Records from a dataset
※

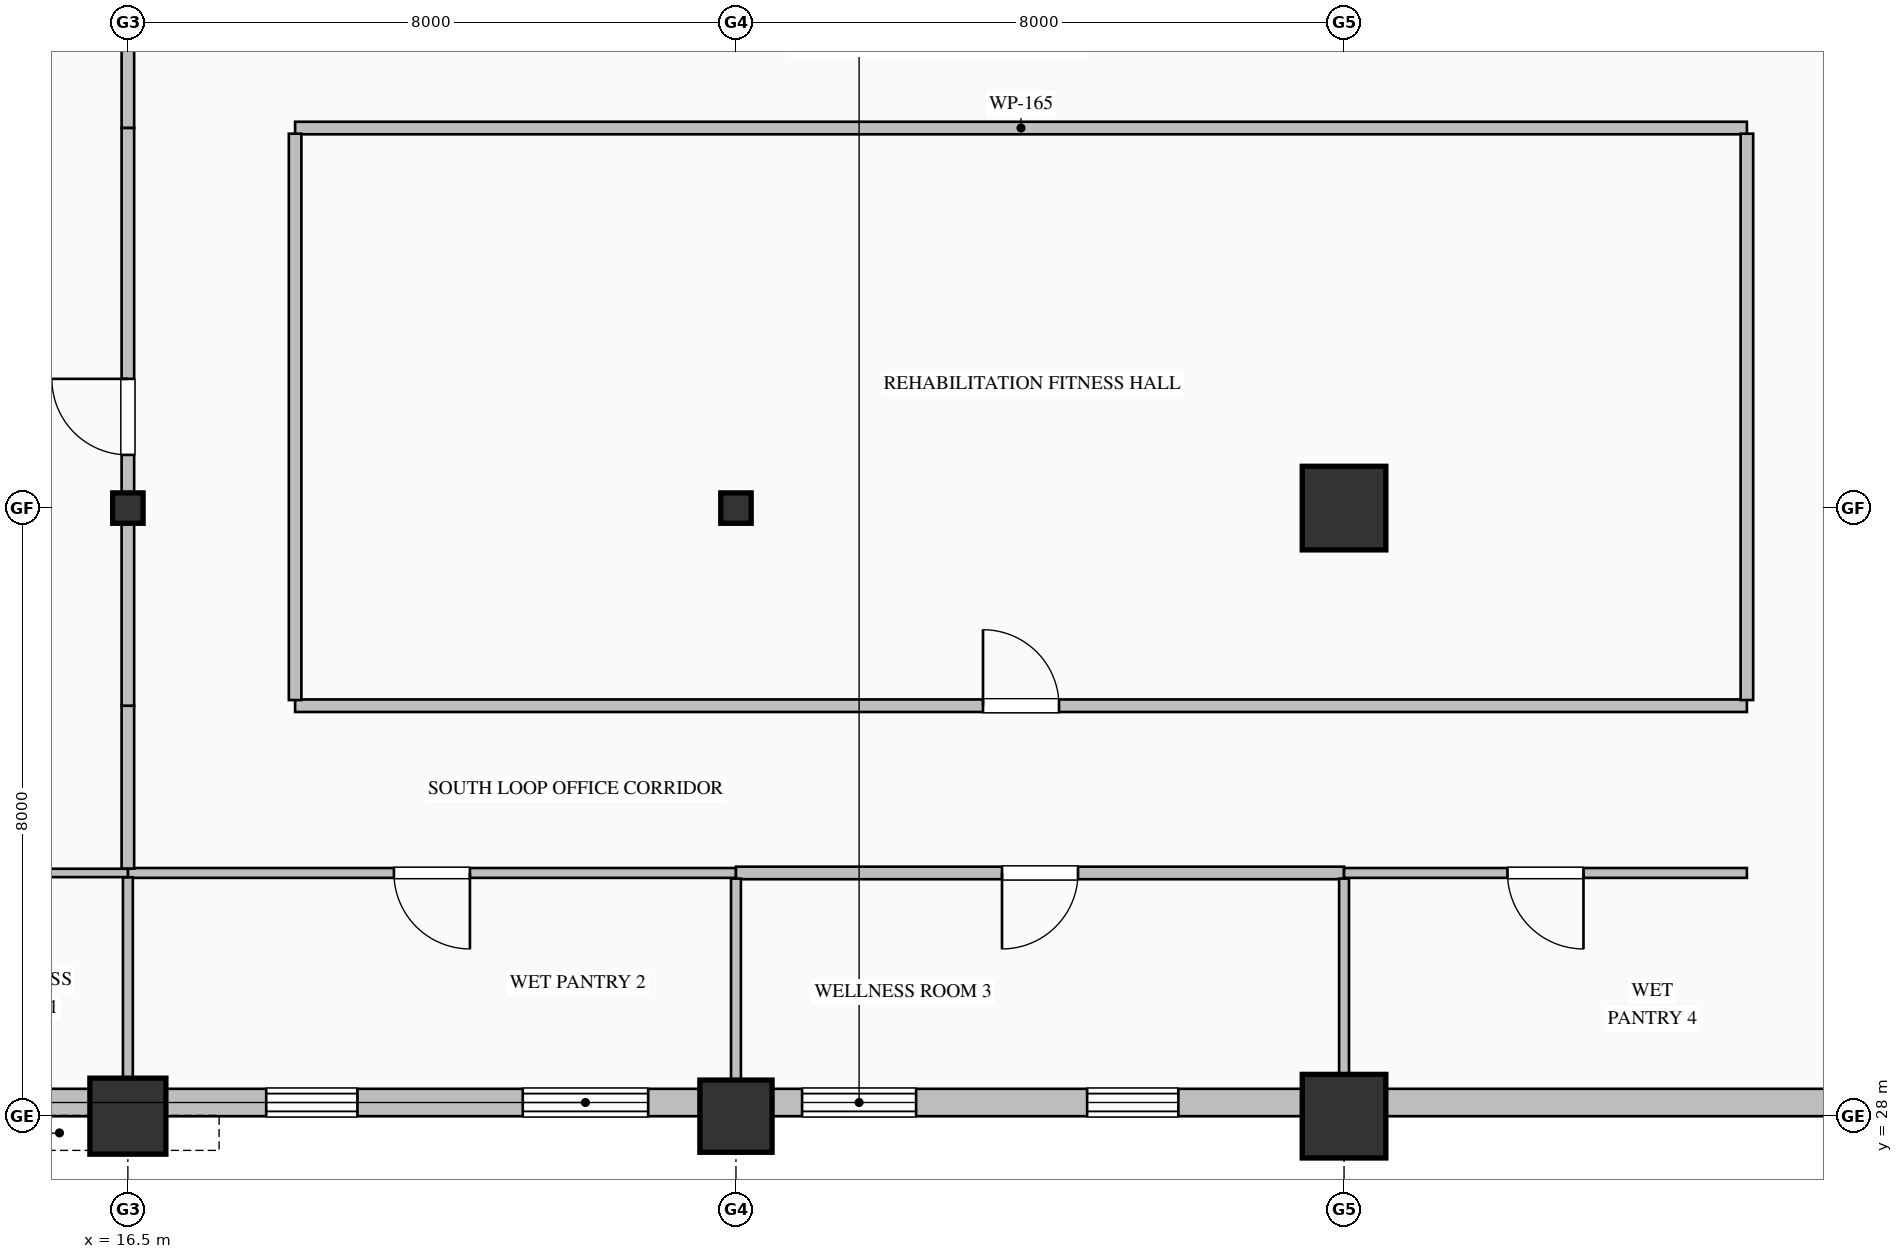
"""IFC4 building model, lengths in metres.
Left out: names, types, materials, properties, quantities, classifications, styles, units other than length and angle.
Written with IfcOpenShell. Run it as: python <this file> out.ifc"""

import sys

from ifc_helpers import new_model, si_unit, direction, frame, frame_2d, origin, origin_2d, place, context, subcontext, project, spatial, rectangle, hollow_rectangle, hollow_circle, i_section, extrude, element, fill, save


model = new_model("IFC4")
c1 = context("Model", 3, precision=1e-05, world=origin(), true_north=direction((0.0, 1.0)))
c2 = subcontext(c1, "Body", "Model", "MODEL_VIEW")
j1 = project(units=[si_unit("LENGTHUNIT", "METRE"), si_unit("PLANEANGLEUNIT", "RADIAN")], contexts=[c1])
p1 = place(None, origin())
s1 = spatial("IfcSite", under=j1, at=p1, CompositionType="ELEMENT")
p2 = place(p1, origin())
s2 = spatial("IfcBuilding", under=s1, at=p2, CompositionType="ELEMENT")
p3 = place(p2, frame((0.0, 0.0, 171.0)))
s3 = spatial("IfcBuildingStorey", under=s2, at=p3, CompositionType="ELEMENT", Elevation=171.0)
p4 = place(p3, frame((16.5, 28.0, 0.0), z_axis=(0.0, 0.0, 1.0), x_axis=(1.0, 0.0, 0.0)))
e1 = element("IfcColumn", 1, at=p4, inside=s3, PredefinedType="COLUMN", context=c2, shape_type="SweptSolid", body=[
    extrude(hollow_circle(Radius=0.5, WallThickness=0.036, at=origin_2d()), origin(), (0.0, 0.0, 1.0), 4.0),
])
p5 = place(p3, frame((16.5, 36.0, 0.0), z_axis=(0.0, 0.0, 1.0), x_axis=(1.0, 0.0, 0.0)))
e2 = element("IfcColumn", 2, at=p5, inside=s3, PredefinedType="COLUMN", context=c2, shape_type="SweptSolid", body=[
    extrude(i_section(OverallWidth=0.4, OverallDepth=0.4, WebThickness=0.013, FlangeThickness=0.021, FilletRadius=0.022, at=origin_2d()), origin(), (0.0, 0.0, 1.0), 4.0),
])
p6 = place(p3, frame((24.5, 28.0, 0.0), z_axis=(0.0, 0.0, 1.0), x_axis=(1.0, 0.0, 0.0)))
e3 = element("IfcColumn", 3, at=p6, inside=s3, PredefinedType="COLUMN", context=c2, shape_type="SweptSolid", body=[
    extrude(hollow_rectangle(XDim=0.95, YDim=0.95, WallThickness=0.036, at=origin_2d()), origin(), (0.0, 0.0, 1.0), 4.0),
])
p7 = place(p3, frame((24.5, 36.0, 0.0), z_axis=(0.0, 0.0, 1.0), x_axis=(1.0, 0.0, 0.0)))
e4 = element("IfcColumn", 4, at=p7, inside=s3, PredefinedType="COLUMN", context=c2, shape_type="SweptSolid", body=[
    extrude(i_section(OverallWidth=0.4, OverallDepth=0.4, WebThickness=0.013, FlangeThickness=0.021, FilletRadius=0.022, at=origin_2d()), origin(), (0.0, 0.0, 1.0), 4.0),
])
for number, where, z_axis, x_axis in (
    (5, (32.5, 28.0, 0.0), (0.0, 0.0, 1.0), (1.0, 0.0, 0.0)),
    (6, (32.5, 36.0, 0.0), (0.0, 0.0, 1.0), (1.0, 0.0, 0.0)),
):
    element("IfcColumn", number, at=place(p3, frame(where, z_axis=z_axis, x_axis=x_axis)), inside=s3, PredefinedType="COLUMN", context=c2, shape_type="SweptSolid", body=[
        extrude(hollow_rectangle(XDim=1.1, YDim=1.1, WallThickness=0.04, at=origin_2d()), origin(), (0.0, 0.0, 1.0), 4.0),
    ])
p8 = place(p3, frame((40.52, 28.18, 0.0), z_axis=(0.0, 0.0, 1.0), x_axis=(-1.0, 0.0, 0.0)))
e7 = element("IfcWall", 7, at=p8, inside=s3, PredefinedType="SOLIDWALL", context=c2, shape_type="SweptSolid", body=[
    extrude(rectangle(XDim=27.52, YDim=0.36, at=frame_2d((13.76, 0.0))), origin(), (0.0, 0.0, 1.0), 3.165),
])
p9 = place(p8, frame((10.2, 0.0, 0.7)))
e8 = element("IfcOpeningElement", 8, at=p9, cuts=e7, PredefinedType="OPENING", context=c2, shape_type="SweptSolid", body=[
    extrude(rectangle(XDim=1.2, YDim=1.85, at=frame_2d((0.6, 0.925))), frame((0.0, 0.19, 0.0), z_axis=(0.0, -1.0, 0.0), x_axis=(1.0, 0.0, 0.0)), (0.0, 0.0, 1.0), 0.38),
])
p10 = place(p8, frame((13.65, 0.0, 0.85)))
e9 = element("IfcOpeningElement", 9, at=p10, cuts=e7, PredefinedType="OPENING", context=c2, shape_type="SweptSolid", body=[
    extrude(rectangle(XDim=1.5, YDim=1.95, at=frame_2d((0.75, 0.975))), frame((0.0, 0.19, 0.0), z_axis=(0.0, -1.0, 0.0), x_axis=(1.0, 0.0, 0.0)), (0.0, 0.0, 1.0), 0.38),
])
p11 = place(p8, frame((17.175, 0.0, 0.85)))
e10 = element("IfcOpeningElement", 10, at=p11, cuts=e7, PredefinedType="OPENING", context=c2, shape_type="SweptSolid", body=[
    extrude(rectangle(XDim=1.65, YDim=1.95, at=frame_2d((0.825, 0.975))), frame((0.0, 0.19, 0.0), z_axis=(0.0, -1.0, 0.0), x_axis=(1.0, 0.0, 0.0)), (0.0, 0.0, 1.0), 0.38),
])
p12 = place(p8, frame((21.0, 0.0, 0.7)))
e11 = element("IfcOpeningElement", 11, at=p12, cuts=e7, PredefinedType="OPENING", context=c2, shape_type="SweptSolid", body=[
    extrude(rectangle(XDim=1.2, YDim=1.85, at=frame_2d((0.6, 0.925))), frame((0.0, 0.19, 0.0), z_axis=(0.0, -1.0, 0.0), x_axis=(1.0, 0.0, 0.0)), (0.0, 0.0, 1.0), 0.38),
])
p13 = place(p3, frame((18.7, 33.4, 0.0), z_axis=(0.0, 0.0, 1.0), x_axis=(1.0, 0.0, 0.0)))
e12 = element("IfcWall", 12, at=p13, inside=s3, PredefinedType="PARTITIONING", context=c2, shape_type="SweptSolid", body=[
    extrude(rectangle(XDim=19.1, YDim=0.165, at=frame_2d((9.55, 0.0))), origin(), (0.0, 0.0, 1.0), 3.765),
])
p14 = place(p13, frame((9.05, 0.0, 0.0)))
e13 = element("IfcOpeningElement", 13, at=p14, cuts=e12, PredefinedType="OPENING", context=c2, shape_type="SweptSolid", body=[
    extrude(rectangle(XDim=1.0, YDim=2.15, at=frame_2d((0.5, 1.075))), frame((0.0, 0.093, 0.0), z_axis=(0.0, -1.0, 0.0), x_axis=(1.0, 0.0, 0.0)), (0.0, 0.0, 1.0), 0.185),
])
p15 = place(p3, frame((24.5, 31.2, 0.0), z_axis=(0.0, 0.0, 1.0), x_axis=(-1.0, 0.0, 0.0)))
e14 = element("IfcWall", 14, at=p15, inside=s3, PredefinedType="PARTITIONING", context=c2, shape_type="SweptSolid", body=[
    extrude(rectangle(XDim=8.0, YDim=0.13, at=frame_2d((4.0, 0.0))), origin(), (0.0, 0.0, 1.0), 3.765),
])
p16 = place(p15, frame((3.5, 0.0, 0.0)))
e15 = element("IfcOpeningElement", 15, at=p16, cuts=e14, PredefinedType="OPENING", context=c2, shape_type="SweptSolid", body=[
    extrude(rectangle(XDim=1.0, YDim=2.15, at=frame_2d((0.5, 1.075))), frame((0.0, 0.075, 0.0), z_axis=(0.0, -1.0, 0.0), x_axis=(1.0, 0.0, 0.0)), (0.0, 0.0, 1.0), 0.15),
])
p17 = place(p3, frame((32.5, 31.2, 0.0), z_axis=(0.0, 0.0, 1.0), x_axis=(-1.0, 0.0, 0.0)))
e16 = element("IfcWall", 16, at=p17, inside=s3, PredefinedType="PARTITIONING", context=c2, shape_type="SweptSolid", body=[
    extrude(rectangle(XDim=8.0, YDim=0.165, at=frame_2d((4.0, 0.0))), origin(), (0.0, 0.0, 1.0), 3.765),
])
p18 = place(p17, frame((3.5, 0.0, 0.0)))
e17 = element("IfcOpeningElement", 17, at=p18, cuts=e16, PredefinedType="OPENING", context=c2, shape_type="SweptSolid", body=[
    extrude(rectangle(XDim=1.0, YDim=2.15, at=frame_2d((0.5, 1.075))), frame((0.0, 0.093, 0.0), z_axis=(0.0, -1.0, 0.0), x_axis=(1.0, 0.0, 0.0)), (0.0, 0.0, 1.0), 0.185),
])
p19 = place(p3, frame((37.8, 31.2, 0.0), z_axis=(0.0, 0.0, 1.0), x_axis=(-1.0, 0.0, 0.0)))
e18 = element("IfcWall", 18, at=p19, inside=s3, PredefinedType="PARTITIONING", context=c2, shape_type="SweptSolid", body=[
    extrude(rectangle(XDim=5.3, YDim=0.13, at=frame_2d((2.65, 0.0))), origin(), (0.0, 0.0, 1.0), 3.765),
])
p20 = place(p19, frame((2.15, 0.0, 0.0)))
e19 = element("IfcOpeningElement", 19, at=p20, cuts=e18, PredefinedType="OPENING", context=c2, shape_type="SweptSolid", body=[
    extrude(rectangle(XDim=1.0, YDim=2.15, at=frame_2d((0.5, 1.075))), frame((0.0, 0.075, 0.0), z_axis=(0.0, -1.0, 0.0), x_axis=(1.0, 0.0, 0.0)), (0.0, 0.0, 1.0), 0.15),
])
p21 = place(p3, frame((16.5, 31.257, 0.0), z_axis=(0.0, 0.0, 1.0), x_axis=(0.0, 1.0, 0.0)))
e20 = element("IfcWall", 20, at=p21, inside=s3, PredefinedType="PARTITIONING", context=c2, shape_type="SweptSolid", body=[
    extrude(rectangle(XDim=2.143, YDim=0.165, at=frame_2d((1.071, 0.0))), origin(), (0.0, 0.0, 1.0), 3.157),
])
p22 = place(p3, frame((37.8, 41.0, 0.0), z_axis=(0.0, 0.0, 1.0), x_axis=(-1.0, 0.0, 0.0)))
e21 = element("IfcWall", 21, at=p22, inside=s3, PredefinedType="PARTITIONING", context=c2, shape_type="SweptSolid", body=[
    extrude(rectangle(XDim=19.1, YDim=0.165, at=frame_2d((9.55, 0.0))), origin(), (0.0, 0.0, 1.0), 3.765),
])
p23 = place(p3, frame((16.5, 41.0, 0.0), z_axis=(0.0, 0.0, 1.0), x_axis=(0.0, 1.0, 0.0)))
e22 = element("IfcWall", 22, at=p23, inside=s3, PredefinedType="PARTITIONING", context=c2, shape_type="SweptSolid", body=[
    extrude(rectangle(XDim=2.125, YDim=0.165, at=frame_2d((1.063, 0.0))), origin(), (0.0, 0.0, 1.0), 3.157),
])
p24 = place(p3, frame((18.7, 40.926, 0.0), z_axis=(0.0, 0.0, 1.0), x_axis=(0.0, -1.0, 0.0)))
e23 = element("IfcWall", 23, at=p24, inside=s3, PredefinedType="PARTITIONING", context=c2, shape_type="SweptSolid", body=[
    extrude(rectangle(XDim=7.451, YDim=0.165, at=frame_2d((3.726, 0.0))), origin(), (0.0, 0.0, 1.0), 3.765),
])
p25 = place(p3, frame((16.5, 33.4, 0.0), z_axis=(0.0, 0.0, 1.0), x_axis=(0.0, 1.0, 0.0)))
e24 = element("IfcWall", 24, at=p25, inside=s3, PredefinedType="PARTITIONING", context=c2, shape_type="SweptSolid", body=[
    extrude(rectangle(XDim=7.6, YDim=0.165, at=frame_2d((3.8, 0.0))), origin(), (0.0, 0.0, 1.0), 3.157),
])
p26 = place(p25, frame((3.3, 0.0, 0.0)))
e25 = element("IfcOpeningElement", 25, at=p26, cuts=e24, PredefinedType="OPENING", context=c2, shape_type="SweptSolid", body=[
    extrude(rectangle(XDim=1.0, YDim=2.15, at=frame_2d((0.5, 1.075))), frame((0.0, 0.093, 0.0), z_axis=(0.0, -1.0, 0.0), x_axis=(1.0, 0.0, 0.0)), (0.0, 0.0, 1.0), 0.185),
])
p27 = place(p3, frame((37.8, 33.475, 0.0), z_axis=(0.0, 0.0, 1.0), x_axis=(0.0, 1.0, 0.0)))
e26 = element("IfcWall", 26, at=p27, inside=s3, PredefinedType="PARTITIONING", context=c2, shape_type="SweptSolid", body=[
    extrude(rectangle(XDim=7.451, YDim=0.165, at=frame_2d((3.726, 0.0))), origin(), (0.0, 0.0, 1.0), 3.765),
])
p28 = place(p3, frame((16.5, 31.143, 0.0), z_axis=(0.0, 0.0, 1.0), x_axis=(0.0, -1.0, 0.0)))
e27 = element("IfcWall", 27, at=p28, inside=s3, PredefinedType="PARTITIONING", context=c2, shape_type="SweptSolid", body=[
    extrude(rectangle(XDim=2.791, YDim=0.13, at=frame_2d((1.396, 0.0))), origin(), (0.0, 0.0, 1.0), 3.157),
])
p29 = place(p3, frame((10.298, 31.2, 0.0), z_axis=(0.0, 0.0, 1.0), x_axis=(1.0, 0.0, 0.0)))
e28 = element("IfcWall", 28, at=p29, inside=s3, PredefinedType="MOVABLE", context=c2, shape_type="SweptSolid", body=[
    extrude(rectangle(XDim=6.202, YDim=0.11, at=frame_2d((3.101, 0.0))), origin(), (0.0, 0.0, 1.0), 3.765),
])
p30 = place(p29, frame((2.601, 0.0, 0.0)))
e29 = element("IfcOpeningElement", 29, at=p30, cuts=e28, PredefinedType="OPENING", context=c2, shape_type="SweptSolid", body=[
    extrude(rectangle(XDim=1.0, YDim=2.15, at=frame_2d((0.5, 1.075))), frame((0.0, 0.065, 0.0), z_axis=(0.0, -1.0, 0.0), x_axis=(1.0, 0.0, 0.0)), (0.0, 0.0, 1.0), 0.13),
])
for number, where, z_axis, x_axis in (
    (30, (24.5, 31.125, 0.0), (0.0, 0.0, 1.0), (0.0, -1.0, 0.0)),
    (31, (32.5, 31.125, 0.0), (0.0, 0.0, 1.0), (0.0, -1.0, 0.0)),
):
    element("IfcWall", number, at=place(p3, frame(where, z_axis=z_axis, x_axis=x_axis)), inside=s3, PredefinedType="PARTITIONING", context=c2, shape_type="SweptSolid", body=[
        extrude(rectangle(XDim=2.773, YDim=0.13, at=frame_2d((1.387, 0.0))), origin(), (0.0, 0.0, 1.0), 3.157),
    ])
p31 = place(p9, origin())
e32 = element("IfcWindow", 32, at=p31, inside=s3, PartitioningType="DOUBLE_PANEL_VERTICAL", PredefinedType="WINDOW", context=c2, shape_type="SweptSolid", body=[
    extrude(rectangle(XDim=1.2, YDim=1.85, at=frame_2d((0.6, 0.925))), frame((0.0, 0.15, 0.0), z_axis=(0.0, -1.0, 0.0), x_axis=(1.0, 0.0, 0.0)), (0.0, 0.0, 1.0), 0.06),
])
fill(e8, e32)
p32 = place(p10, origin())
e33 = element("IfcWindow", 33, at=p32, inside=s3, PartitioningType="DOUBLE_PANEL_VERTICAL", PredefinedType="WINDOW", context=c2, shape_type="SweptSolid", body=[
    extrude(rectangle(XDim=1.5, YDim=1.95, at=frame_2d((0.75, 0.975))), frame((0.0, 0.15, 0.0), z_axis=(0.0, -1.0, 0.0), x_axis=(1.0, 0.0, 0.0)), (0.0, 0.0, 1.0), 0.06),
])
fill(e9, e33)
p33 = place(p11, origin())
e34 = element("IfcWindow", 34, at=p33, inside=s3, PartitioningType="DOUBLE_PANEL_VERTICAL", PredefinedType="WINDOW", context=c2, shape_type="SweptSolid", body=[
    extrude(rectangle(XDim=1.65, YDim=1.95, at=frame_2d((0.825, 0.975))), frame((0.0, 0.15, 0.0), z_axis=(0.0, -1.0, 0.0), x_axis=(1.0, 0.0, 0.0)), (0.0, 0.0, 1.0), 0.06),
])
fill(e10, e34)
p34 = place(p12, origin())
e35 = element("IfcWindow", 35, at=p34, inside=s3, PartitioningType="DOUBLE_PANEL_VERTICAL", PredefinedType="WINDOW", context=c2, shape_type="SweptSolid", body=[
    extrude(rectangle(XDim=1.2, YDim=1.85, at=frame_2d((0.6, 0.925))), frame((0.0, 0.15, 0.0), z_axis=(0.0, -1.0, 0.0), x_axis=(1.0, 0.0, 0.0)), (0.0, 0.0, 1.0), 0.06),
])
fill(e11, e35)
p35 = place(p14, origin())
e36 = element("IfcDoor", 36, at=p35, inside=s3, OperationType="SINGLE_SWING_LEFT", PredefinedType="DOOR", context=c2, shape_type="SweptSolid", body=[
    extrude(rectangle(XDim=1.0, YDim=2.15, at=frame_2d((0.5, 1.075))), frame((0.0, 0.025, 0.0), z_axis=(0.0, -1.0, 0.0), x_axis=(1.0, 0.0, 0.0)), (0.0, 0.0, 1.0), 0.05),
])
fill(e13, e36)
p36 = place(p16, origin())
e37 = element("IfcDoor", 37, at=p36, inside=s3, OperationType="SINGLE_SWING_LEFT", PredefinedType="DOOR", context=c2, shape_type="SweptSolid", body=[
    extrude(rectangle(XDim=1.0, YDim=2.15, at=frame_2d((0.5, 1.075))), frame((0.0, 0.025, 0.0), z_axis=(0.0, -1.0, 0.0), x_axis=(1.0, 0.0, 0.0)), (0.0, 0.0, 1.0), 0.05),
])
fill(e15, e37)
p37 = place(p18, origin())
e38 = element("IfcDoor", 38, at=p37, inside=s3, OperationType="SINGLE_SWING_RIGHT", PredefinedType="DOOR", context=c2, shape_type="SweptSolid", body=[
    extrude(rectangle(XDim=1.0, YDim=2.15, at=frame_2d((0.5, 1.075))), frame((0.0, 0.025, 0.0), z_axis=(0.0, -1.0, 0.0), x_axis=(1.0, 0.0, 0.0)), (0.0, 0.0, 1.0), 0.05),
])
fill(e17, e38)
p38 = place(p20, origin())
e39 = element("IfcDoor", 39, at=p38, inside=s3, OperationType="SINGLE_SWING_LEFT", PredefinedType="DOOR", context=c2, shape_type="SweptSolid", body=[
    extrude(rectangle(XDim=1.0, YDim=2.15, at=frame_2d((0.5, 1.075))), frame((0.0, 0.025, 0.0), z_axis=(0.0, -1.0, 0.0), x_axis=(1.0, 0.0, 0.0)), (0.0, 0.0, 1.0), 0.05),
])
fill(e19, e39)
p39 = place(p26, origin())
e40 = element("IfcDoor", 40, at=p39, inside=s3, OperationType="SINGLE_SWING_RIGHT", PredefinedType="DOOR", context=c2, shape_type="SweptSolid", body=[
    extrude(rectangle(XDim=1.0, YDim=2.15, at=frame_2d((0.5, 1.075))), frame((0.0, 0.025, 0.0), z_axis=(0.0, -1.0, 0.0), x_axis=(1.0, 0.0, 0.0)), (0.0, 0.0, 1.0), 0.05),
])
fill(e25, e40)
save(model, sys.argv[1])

※

◆ TASK STATEMENT ◆
Wherever the word "CompositionType" turns up in the records, copy out the line it is on.

◆ REPLY TO THE EXERCISE ◆
s1 = spatial("IfcSite", under=j1, at=p1, CompositionType="ELEMENT")
s2 = spatial("IfcBuilding", under=s1, at=p2, CompositionType="ELEMENT")
s3 = spatial("IfcBuildingStorey", under=s2, at=p3, CompositionType="ELEMENT", Elevation=171.0)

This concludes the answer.